■ **Exercise directions**
Every line that includes the word "CompositionType" needs to be copied from the listing.

■ **The input**
++++++++++++++++++++
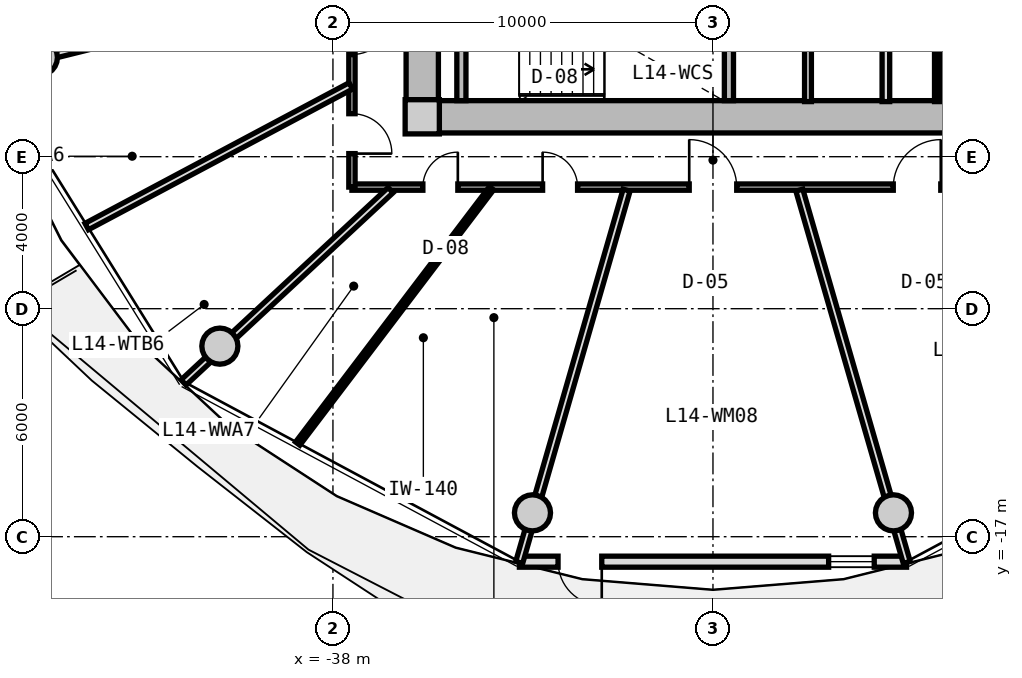
"""IFC4 building model, lengths in metres.
Left out: names, types, materials, properties, quantities, classifications, styles, units other than length and angle.
Written with IfcOpenShell. Run it as: python <this file> out.ifc"""

import sys

from ifc_helpers import new_model, si_unit, direction, frame, frame_2d, origin, origin_2d, place, context, subcontext, project, spatial, rectangle, circle, extrude, source, transform, mapped, element, fill, save


model = new_model("IFC4")
c1 = context("Model", 3, precision=1e-05, world=origin(), true_north=direction((0.0, 1.0)))
c2 = subcontext(c1, "Body", "Model", "MODEL_VIEW")
j1 = project(units=[si_unit("LENGTHUNIT", "METRE"), si_unit("PLANEANGLEUNIT", "RADIAN")], contexts=[c1])
p1 = place(None, origin())
s1 = spatial("IfcSite", under=j1, at=p1, CompositionType="ELEMENT")
p2 = place(p1, origin())
s2 = spatial("IfcBuilding", under=s1, at=p2, CompositionType="ELEMENT")
p3 = place(p2, frame((0.0, 0.0, 49.05)))
s3 = spatial("IfcBuildingStorey", under=s2, at=p3, CompositionType="ELEMENT", Elevation=49.05)
m1 = source(origin(), c2, "Body", "SweptSolid", [
    extrude(rectangle(XDim=0.9, YDim=0.9, at=origin_2d()), origin(), (0.0, 0.0, 1.0), 3.05),
])
p4 = place(p3, frame((-35.65, -5.95, 0.0), z_axis=(0.0, 0.0, 1.0), x_axis=(1.0, 0.0, 0.0)))
e1 = element("IfcColumn", 1, at=p4, inside=s3, PredefinedType="COLUMN", context=c2, shape_type="MappedRepresentation", body=[
    mapped(m1, transform((0.0, 0.0, 0.0), x_axis=(1.0, 0.0, 0.0), y_axis=(0.0, 1.0, 0.0), z_axis=(0.0, 0.0, 1.0), scale=1.0)),
])
m2 = source(origin(), c2, "Body", "SweptSolid", [
    extrude(rectangle(XDim=14.4, YDim=0.85, at=frame_2d((7.2, 0.0))), origin(), (0.0, 0.0, 1.0), 2.79),
])
p5 = place(p3, frame((-20.8, -5.95, 0.0), z_axis=(0.0, 0.0, 1.0), x_axis=(-1.0, 0.0, 0.0)))
e2 = element("IfcWall", 2, at=p5, inside=s3, PredefinedType="SHEAR", context=c2, shape_type="MappedRepresentation", body=[
    mapped(m2, transform((0.0, 0.0, 0.0), x_axis=(1.0, 0.0, 0.0), y_axis=(0.0, 1.0, 0.0), z_axis=(0.0, 0.0, 1.0), scale=1.0)),
])
m3 = source(origin(), c2, "Body", "SweptSolid", [
    extrude(rectangle(XDim=11.0, YDim=0.85, at=frame_2d((5.5, 0.0))), origin(), (0.0, 0.0, 1.0), 2.79),
])
p6 = place(p3, frame((-35.65, -5.5, 0.0), z_axis=(0.0, 0.0, 1.0), x_axis=(0.0, 1.0, 0.0)))
e3 = element("IfcWall", 3, at=p6, inside=s3, PredefinedType="SHEAR", context=c2, shape_type="MappedRepresentation", body=[
    mapped(m3, transform((0.0, 0.0, 0.0), x_axis=(1.0, 0.0, 0.0), y_axis=(0.0, 1.0, 0.0), z_axis=(0.0, 0.0, 1.0), scale=1.0)),
])
p7 = place(p6, frame((3.8, 0.0, 0.0)))
e4 = element("IfcOpeningElement", 4, at=p7, cuts=e3, PredefinedType="OPENING", context=c2, shape_type="SweptSolid", body=[
    extrude(rectangle(XDim=1.2, YDim=2.15, at=frame_2d((0.6, 1.075))), frame((0.0, 0.435, 0.0), z_axis=(0.0, -1.0, 0.0), x_axis=(1.0, 0.0, 0.0)), (0.0, 0.0, 1.0), 0.87),
])
m4 = source(origin(), c2, "Body", "SweptSolid", [
    extrude(circle(Radius=0.475, at=origin_2d()), origin(), (0.0, 0.0, 1.0), 3.05),
])
for number, where, z_axis, x_axis in (
    (5, (-45.725, -4.387, 0.0), (0.0, 0.0, 1.0), (1.0, 0.0, 0.0)),
    (6, (-40.975, -11.985, 0.0), (0.0, 0.0, 1.0), (1.0, 0.0, 0.0)),
    (7, (-32.749, -16.373, 0.0), (0.0, 0.0, 1.0), (1.0, 0.0, 0.0)),
    (8, (-23.251, -16.373, 0.0), (0.0, 0.0, 1.0), (1.0, 0.0, 0.0)),
):
    element("IfcColumn", number, at=place(p3, frame(where, z_axis=z_axis, x_axis=x_axis)), inside=s3, PredefinedType="COLUMN", context=c2, shape_type="MappedRepresentation", body=[
        mapped(m4, transform((0.0, 0.0, 0.0), x_axis=(1.0, 0.0, 0.0), y_axis=(0.0, 1.0, 0.0), z_axis=(0.0, 0.0, 1.0), scale=1.0)),
    ])
m5 = source(origin(), c2, "Body", "SweptSolid", [
    extrude(rectangle(XDim=10.187, YDim=0.29, at=frame_2d((5.094, 0.0))), origin(), (0.0, 0.0, 1.0), 2.79),
])
p8 = place(p3, frame((-22.906, -17.657, 0.0), z_axis=(0.0, 0.0, 1.0), x_axis=(-1.0, 0.0, 0.0)))
e9 = element("IfcWall", 9, at=p8, inside=s3, PredefinedType="SOLIDWALL", context=c2, shape_type="MappedRepresentation", body=[
    mapped(m5, transform((0.0, 0.0, 0.0), x_axis=(1.0, 0.0, 0.0), y_axis=(0.0, 1.0, 0.0), z_axis=(0.0, 0.0, 1.0), scale=1.0)),
])
p9 = place(p8, frame((8.02, 0.0, 0.0)))
e10 = element("IfcOpeningElement", 10, at=p9, cuts=e9, PredefinedType="OPENING", context=c2, shape_type="SweptSolid", body=[
    extrude(rectangle(XDim=1.15, YDim=2.25, at=frame_2d((0.575, 1.125))), frame((0.0, 0.155, 0.0), z_axis=(0.0, -1.0, 0.0), x_axis=(1.0, 0.0, 0.0)), (0.0, 0.0, 1.0), 0.31),
])
p10 = place(p8, frame((0.85, 0.0, 0.85)))
e11 = element("IfcOpeningElement", 11, at=p10, cuts=e9, PredefinedType="OPENING", context=c2, shape_type="SweptSolid", body=[
    extrude(rectangle(XDim=1.2, YDim=1.5, at=frame_2d((0.6, 0.75))), frame((0.0, 0.155, 0.0), z_axis=(0.0, -1.0, 0.0), x_axis=(1.0, 0.0, 0.0)), (0.0, 0.0, 1.0), 0.31),
])
m6 = source(origin(), c2, "Body", "SweptSolid", [
    extrude(rectangle(XDim=3.075, YDim=0.24, at=frame_2d((1.538, 0.0))), origin(), (0.0, 0.0, 1.0), 2.79),
])
for number, where, z_axis, x_axis in (
    (12, (-34.62, -5.525, 0.0), (0.0, 0.0, 1.0), (0.0, 1.0, 0.0)),
    (13, (-27.58, -5.525, 0.0), (0.0, 0.0, 1.0), (0.0, 1.0, 0.0)),
):
    element("IfcWall", number, at=place(p3, frame(where, z_axis=z_axis, x_axis=x_axis)), inside=s3, PredefinedType="PARTITIONING", context=c2, shape_type="MappedRepresentation", body=[
        mapped(m6, transform((0.0, 0.0, 0.0), x_axis=(1.0, 0.0, 0.0), y_axis=(0.0, 1.0, 0.0), z_axis=(0.0, 0.0, 1.0), scale=1.0)),
    ])
m7 = source(origin(), c2, "Body", "SweptSolid", [
    extrude(rectangle(XDim=3.8, YDim=0.2, at=frame_2d((1.9, 0.0))), origin(), (0.0, 0.0, 1.0), 2.775),
])
p11 = place(p3, frame((-23.45, -5.55, 0.0), z_axis=(0.0, 0.0, 1.0), x_axis=(0.0, 1.0, 0.0)))
e14 = element("IfcWall", 14, at=p11, inside=s3, PredefinedType="PARTITIONING", context=c2, shape_type="MappedRepresentation", body=[
    mapped(m7, transform((0.0, 0.0, 0.0), x_axis=(1.0, 0.0, 0.0), y_axis=(0.0, 1.0, 0.0), z_axis=(0.0, 0.0, 1.0), scale=1.0)),
])
m8 = source(origin(), c2, "Body", "SweptSolid", [
    extrude(rectangle(XDim=3.22, YDim=0.18, at=frame_2d((1.61, 0.0))), origin(), (0.0, 0.0, 1.0), 2.775),
])
p12 = place(p3, frame((-25.5, -5.55, 0.0), z_axis=(0.0, 0.0, 1.0), x_axis=(0.0, 1.0, 0.0)))
e15 = element("IfcWall", 15, at=p12, inside=s3, PredefinedType="PARTITIONING", context=c2, shape_type="MappedRepresentation", body=[
    mapped(m8, transform((0.0, 0.0, 0.0), x_axis=(1.0, 0.0, 0.0), y_axis=(0.0, 1.0, 0.0), z_axis=(0.0, 0.0, 1.0), scale=1.0)),
])
m9 = source(origin(), c2, "Body", "SweptSolid", [
    extrude(rectangle(XDim=3.8, YDim=0.14, at=frame_2d((1.9, 0.0))), origin(), (0.0, 0.0, 1.0), 2.775),
])
p13 = place(p3, frame((-22.1, -5.55, 0.0), z_axis=(0.0, 0.0, 1.0), x_axis=(0.0, 1.0, 0.0)))
e16 = element("IfcWall", 16, at=p13, inside=s3, PredefinedType="PARTITIONING", context=c2, shape_type="MappedRepresentation", body=[
    mapped(m9, transform((0.0, 0.0, 0.0), x_axis=(1.0, 0.0, 0.0), y_axis=(0.0, 1.0, 0.0), z_axis=(0.0, 0.0, 1.0), scale=1.0)),
])
m10 = source(origin(), c2, "Body", "SweptSolid", [
    extrude(rectangle(XDim=19.0, YDim=0.165, at=frame_2d((9.5, 0.0))), origin(), (0.0, 0.0, 1.0), 2.775),
])
p14 = place(p3, frame((-18.5, -7.8, 0.0), z_axis=(0.0, 0.0, 1.0), x_axis=(-1.0, 0.0, 0.0)))
e17 = element("IfcWall", 17, at=p14, inside=s3, PredefinedType="PARTITIONING", context=c2, shape_type="MappedRepresentation", body=[
    mapped(m10, transform((0.0, 0.0, 0.0), x_axis=(1.0, 0.0, 0.0), y_axis=(0.0, 1.0, 0.0), z_axis=(0.0, 0.0, 1.0), scale=1.0)),
])
p15 = place(p14, frame((16.214, 0.0, 0.0)))
e18 = element("IfcOpeningElement", 18, at=p15, cuts=e17, PredefinedType="OPENING", context=c2, shape_type="SweptSolid", body=[
    extrude(rectangle(XDim=0.92, YDim=2.1, at=frame_2d((0.46, 1.05))), frame((0.0, 0.093, 0.0), z_axis=(0.0, -1.0, 0.0), x_axis=(1.0, 0.0, 0.0)), (0.0, 0.0, 1.0), 0.185),
])
p16 = place(p14, frame((13.063, 0.0, 0.0)))
e19 = element("IfcOpeningElement", 19, at=p16, cuts=e17, PredefinedType="OPENING", context=c2, shape_type="SweptSolid", body=[
    extrude(rectangle(XDim=0.92, YDim=2.1, at=frame_2d((0.46, 1.05))), frame((0.0, 0.093, 0.0), z_axis=(0.0, -1.0, 0.0), x_axis=(1.0, 0.0, 0.0)), (0.0, 0.0, 1.0), 0.185),
])
p17 = place(p14, frame((8.875, 0.0, 0.0)))
e20 = element("IfcOpeningElement", 20, at=p17, cuts=e17, PredefinedType="OPENING", context=c2, shape_type="SweptSolid", body=[
    extrude(rectangle(XDim=1.25, YDim=2.2, at=frame_2d((0.625, 1.1))), frame((0.0, 0.093, 0.0), z_axis=(0.0, -1.0, 0.0), x_axis=(1.0, 0.0, 0.0)), (0.0, 0.0, 1.0), 0.185),
])
p18 = place(p14, frame((3.506, 0.0, 0.0)))
e21 = element("IfcOpeningElement", 21, at=p18, cuts=e17, PredefinedType="OPENING", context=c2, shape_type="SweptSolid", body=[
    extrude(rectangle(XDim=1.25, YDim=2.2, at=frame_2d((0.625, 1.1))), frame((0.0, 0.093, 0.0), z_axis=(0.0, -1.0, 0.0), x_axis=(1.0, 0.0, 0.0)), (0.0, 0.0, 1.0), 0.185),
])
m11 = source(origin(), c2, "Body", "SweptSolid", [
    extrude(rectangle(XDim=15.6, YDim=0.165, at=frame_2d((7.8, 0.0))), origin(), (0.0, 0.0, 1.0), 2.775),
])
p19 = place(p3, frame((-37.5, -7.8, 0.0), z_axis=(0.0, 0.0, 1.0), x_axis=(0.0, 1.0, 0.0)))
e22 = element("IfcWall", 22, at=p19, inside=s3, PredefinedType="PARTITIONING", context=c2, shape_type="MappedRepresentation", body=[
    mapped(m11, transform((0.0, 0.0, 0.0), x_axis=(1.0, 0.0, 0.0), y_axis=(0.0, 1.0, 0.0), z_axis=(0.0, 0.0, 1.0), scale=1.0)),
])
p20 = place(p19, frame((13.623, 0.0, 0.0)))
e23 = element("IfcOpeningElement", 23, at=p20, cuts=e22, PredefinedType="OPENING", context=c2, shape_type="SweptSolid", body=[
    extrude(rectangle(XDim=1.05, YDim=2.15, at=frame_2d((0.525, 1.075))), frame((0.0, 0.093, 0.0), z_axis=(0.0, -1.0, 0.0), x_axis=(1.0, 0.0, 0.0)), (0.0, 0.0, 1.0), 0.185),
])
p21 = place(p19, frame((11.018, 0.0, 0.0)))
e24 = element("IfcOpeningElement", 24, at=p21, cuts=e22, PredefinedType="OPENING", context=c2, shape_type="SweptSolid", body=[
    extrude(rectangle(XDim=1.05, YDim=2.15, at=frame_2d((0.525, 1.075))), frame((0.0, 0.093, 0.0), z_axis=(0.0, -1.0, 0.0), x_axis=(1.0, 0.0, 0.0)), (0.0, 0.0, 1.0), 0.185),
])
p22 = place(p19, frame((8.467, 0.0, 0.0)))
e25 = element("IfcOpeningElement", 25, at=p22, cuts=e22, PredefinedType="OPENING", context=c2, shape_type="SweptSolid", body=[
    extrude(rectangle(XDim=1.05, YDim=2.15, at=frame_2d((0.525, 1.075))), frame((0.0, 0.093, 0.0), z_axis=(0.0, -1.0, 0.0), x_axis=(1.0, 0.0, 0.0)), (0.0, 0.0, 1.0), 0.185),
])
p23 = place(p19, frame((6.035, 0.0, 0.0)))
e26 = element("IfcOpeningElement", 26, at=p23, cuts=e22, PredefinedType="OPENING", context=c2, shape_type="SweptSolid", body=[
    extrude(rectangle(XDim=1.05, YDim=2.15, at=frame_2d((0.525, 1.075))), frame((0.0, 0.093, 0.0), z_axis=(0.0, -1.0, 0.0), x_axis=(1.0, 0.0, 0.0)), (0.0, 0.0, 1.0), 0.185),
])
p24 = place(p19, frame((3.489, 0.0, 0.0)))
e27 = element("IfcOpeningElement", 27, at=p24, cuts=e22, PredefinedType="OPENING", context=c2, shape_type="SweptSolid", body=[
    extrude(rectangle(XDim=1.05, YDim=2.15, at=frame_2d((0.525, 1.075))), frame((0.0, 0.093, 0.0), z_axis=(0.0, -1.0, 0.0), x_axis=(1.0, 0.0, 0.0)), (0.0, 0.0, 1.0), 0.185),
])
p25 = place(p19, frame((0.882, 0.0, 0.0)))
e28 = element("IfcOpeningElement", 28, at=p25, cuts=e22, PredefinedType="OPENING", context=c2, shape_type="SweptSolid", body=[
    extrude(rectangle(XDim=1.05, YDim=2.15, at=frame_2d((0.525, 1.075))), frame((0.0, 0.093, 0.0), z_axis=(0.0, -1.0, 0.0), x_axis=(1.0, 0.0, 0.0)), (0.0, 0.0, 1.0), 0.185),
])
m12 = source(origin(), c2, "Body", "SweptSolid", [
    extrude(rectangle(XDim=9.737, YDim=0.19, at=frame_2d((4.869, 0.0))), origin(), (0.0, 0.0, 1.0), 2.225),
])
p26 = place(p3, frame((-37.58, -2.385, 0.0), z_axis=(0.0, 0.0, 1.0), x_axis=(-0.970392716238, -0.241532557375, 0.0)))
e29 = element("IfcWall", 29, at=p26, inside=s3, PredefinedType="PARTITIONING", context=c2, shape_type="MappedRepresentation", body=[
    mapped(m12, transform((0.0, 0.0, 0.0), x_axis=(1.0, 0.0, 0.0), y_axis=(0.0, 1.0, 0.0), z_axis=(0.0, 0.0, 1.0), scale=1.0)),
])
m13 = source(origin(), c2, "Body", "SweptSolid", [
    extrude(rectangle(XDim=7.435, YDim=0.19, at=frame_2d((3.717, 0.0))), origin(), (0.0, 0.0, 1.0), 2.225),
])
p27 = place(p3, frame((-36.483, -7.88, 0.0), z_axis=(0.0, 0.0, 1.0), x_axis=(-0.732651956848, -0.680603489652, 0.0)))
e30 = element("IfcWall", 30, at=p27, inside=s3, PredefinedType="PARTITIONING", context=c2, shape_type="MappedRepresentation", body=[
    mapped(m13, transform((0.0, 0.0, 0.0), x_axis=(1.0, 0.0, 0.0), y_axis=(0.0, 1.0, 0.0), z_axis=(0.0, 0.0, 1.0), scale=1.0)),
])
m14 = source(origin(), c2, "Body", "SweptSolid", [
    extrude(rectangle(XDim=7.873, YDim=0.19, at=frame_2d((3.937, 0.0))), origin(), (0.0, 0.0, 1.0), 2.775),
])
p28 = place(p3, frame((-37.53, -5.138, 0.0), z_axis=(0.0, 0.0, 1.0), x_axis=(-0.882666052726, -0.470000680175, 0.0)))
e31 = element("IfcWall", 31, at=p28, inside=s3, PredefinedType="PARTITIONING", context=c2, shape_type="MappedRepresentation", body=[
    mapped(m14, transform((0.0, 0.0, 0.0), x_axis=(1.0, 0.0, 0.0), y_axis=(0.0, 1.0, 0.0), z_axis=(0.0, 0.0, 1.0), scale=1.0)),
])
m15 = source(origin(), c2, "Body", "SweptSolid", [
    extrude(rectangle(XDim=10.196, YDim=0.19, at=frame_2d((5.098, 0.0))), origin(), (0.0, 0.0, 1.0), 2.225),
])
p29 = place(p3, frame((-30.273, -7.88, 0.0), z_axis=(0.0, 0.0, 1.0), x_axis=(-0.277136420347, -0.960830580549, 0.0)))
e32 = element("IfcWall", 32, at=p29, inside=s3, PredefinedType="PARTITIONING", context=c2, shape_type="MappedRepresentation", body=[
    mapped(m15, transform((0.0, 0.0, 0.0), x_axis=(1.0, 0.0, 0.0), y_axis=(0.0, 1.0, 0.0), z_axis=(0.0, 0.0, 1.0), scale=1.0)),
])
m16 = source(origin(), c2, "Body", "SweptSolid", [
    extrude(rectangle(XDim=8.436, YDim=0.14, at=frame_2d((4.218, 0.0))), origin(), (0.0, 0.0, 1.0), 2.775),
])
p30 = place(p3, frame((-33.828, -7.83, 0.0), z_axis=(0.0, 0.0, 1.0), x_axis=(-0.604486552388, -0.796615345058, 0.0)))
e33 = element("IfcWall", 33, at=p30, inside=s3, PredefinedType="PARTITIONING", context=c2, shape_type="MappedRepresentation", body=[
    mapped(m16, transform((0.0, 0.0, 0.0), x_axis=(1.0, 0.0, 0.0), y_axis=(0.0, 1.0, 0.0), z_axis=(0.0, 0.0, 1.0), scale=1.0)),
])
p31 = place(p3, frame((-25.727, -7.88, 0.0), z_axis=(0.0, 0.0, 1.0), x_axis=(0.277136420347, -0.960830580549, 0.0)))
e34 = element("IfcWall", 34, at=p31, inside=s3, PredefinedType="PARTITIONING", context=c2, shape_type="MappedRepresentation", body=[
    mapped(m15, transform((0.0, 0.0, 0.0), x_axis=(1.0, 0.0, 0.0), y_axis=(0.0, 1.0, 0.0), z_axis=(0.0, 0.0, 1.0), scale=1.0)),
])
m17 = source(origin(), c2, "Body", "SweptSolid", [
    extrude(rectangle(XDim=1.15, YDim=2.25, at=frame_2d((0.575, 1.125))), frame((0.0, 0.025, 0.0), z_axis=(0.0, -1.0, 0.0), x_axis=(1.0, 0.0, 0.0)), (0.0, 0.0, 1.0), 0.05),
])
p32 = place(p9, origin())
e35 = element("IfcDoor", 35, at=p32, inside=s3, OperationType="SINGLE_SWING_LEFT", PredefinedType="DOOR", context=c2, shape_type="MappedRepresentation", body=[
    mapped(m17, transform((0.0, 0.0, 0.0), x_axis=(1.0, 0.0, 0.0), y_axis=(0.0, 1.0, 0.0), z_axis=(0.0, 0.0, 1.0), scale=1.0)),
])
fill(e10, e35)
m18 = source(origin(), c2, "Body", "SweptSolid", [
    extrude(rectangle(XDim=1.2, YDim=1.5, at=frame_2d((0.6, 0.75))), frame((0.0, 0.03, 0.0), z_axis=(0.0, -1.0, 0.0), x_axis=(1.0, 0.0, 0.0)), (0.0, 0.0, 1.0), 0.06),
])
p33 = place(p10, origin())
e36 = element("IfcWindow", 36, at=p33, inside=s3, PartitioningType="SINGLE_PANEL", PredefinedType="WINDOW", context=c2, shape_type="MappedRepresentation", body=[
    mapped(m18, transform((0.0, 0.0, 0.0), x_axis=(1.0, 0.0, 0.0), y_axis=(0.0, 1.0, 0.0), z_axis=(0.0, 0.0, 1.0), scale=1.0)),
])
fill(e11, e36)
m19 = source(origin(), c2, "Body", "SweptSolid", [
    extrude(rectangle(XDim=1.05, YDim=2.15, at=frame_2d((0.525, 1.075))), frame((0.0, 0.025, 0.0), z_axis=(0.0, -1.0, 0.0), x_axis=(1.0, 0.0, 0.0)), (0.0, 0.0, 1.0), 0.05),
])
p34 = place(p24, frame((1.05, 0.0, 0.0), z_axis=(0.0, 0.0, 1.0), x_axis=(-1.0, 0.0, 0.0)))
e37 = element("IfcDoor", 37, at=p34, inside=s3, OperationType="SINGLE_SWING_LEFT", PredefinedType="DOOR", context=c2, shape_type="MappedRepresentation", body=[
    mapped(m19, transform((0.0, 0.0, 0.0), x_axis=(1.0, 0.0, 0.0), y_axis=(0.0, 1.0, 0.0), z_axis=(0.0, 0.0, 1.0), scale=1.0)),
])
fill(e27, e37)
p35 = place(p25, frame((1.05, 0.0, 0.0), z_axis=(0.0, 0.0, 1.0), x_axis=(-1.0, 0.0, 0.0)))
e38 = element("IfcDoor", 38, at=p35, inside=s3, OperationType="SINGLE_SWING_RIGHT", PredefinedType="DOOR", context=c2, shape_type="MappedRepresentation", body=[
    mapped(m19, transform((0.0, 0.0, 0.0), x_axis=(1.0, 0.0, 0.0), y_axis=(0.0, 1.0, 0.0), z_axis=(0.0, 0.0, 1.0), scale=1.0)),
])
fill(e28, e38)
m20 = source(origin(), c2, "Body", "SweptSolid", [
    extrude(rectangle(XDim=0.92, YDim=2.1, at=frame_2d((0.46, 1.05))), frame((0.0, 0.025, 0.0), z_axis=(0.0, -1.0, 0.0), x_axis=(1.0, 0.0, 0.0)), (0.0, 0.0, 1.0), 0.05),
])
p36 = place(p15, frame((0.92, 0.0, 0.0), z_axis=(0.0, 0.0, 1.0), x_axis=(-1.0, 0.0, 0.0)))
e39 = element("IfcDoor", 39, at=p36, inside=s3, OperationType="SINGLE_SWING_RIGHT", PredefinedType="DOOR", context=c2, shape_type="MappedRepresentation", body=[
    mapped(m20, transform((0.0, 0.0, 0.0), x_axis=(1.0, 0.0, 0.0), y_axis=(0.0, 1.0, 0.0), z_axis=(0.0, 0.0, 1.0), scale=1.0)),
])
fill(e18, e39)
p37 = place(p16, frame((0.92, 0.0, 0.0), z_axis=(0.0, 0.0, 1.0), x_axis=(-1.0, 0.0, 0.0)))
e40 = element("IfcDoor", 40, at=p37, inside=s3, OperationType="SINGLE_SWING_LEFT", PredefinedType="DOOR", context=c2, shape_type="MappedRepresentation", body=[
    mapped(m20, transform((0.0, 0.0, 0.0), x_axis=(1.0, 0.0, 0.0), y_axis=(0.0, 1.0, 0.0), z_axis=(0.0, 0.0, 1.0), scale=1.0)),
])
fill(e19, e40)
m21 = source(origin(), c2, "Body", "SweptSolid", [
    extrude(rectangle(XDim=1.25, YDim=2.2, at=frame_2d((0.625, 1.1))), frame((0.0, 0.025, 0.0), z_axis=(0.0, -1.0, 0.0), x_axis=(1.0, 0.0, 0.0)), (0.0, 0.0, 1.0), 0.05),
])
p38 = place(p17, frame((1.25, 0.0, 0.0), z_axis=(0.0, 0.0, 1.0), x_axis=(-1.0, 0.0, 0.0)))
e41 = element("IfcDoor", 41, at=p38, inside=s3, OperationType="SINGLE_SWING_LEFT", PredefinedType="DOOR", context=c2, shape_type="MappedRepresentation", body=[
    mapped(m21, transform((0.0, 0.0, 0.0), x_axis=(1.0, 0.0, 0.0), y_axis=(0.0, 1.0, 0.0), z_axis=(0.0, 0.0, 1.0), scale=1.0)),
])
fill(e20, e41)
p39 = place(p18, frame((1.25, 0.0, 0.0), z_axis=(0.0, 0.0, 1.0), x_axis=(-1.0, 0.0, 0.0)))
e42 = element("IfcDoor", 42, at=p39, inside=s3, OperationType="SINGLE_SWING_RIGHT", PredefinedType="DOOR", context=c2, shape_type="MappedRepresentation", body=[
    mapped(m21, transform((0.0, 0.0, 0.0), x_axis=(1.0, 0.0, 0.0), y_axis=(0.0, 1.0, 0.0), z_axis=(0.0, 0.0, 1.0), scale=1.0)),
])
fill(e21, e42)
save(model, sys.argv[1])
++++++++++++++++++++
■ **Answer below**
s1 = spatial("IfcSite", under=j1, at=p1, CompositionType="ELEMENT")
s2 = spatial("IfcBuilding", under=s1, at=p2, CompositionType="ELEMENT")
s3 = spatial("IfcBuildingStorey", under=s2, at=p3, CompositionType="ELEMENT", Elevation=49.05)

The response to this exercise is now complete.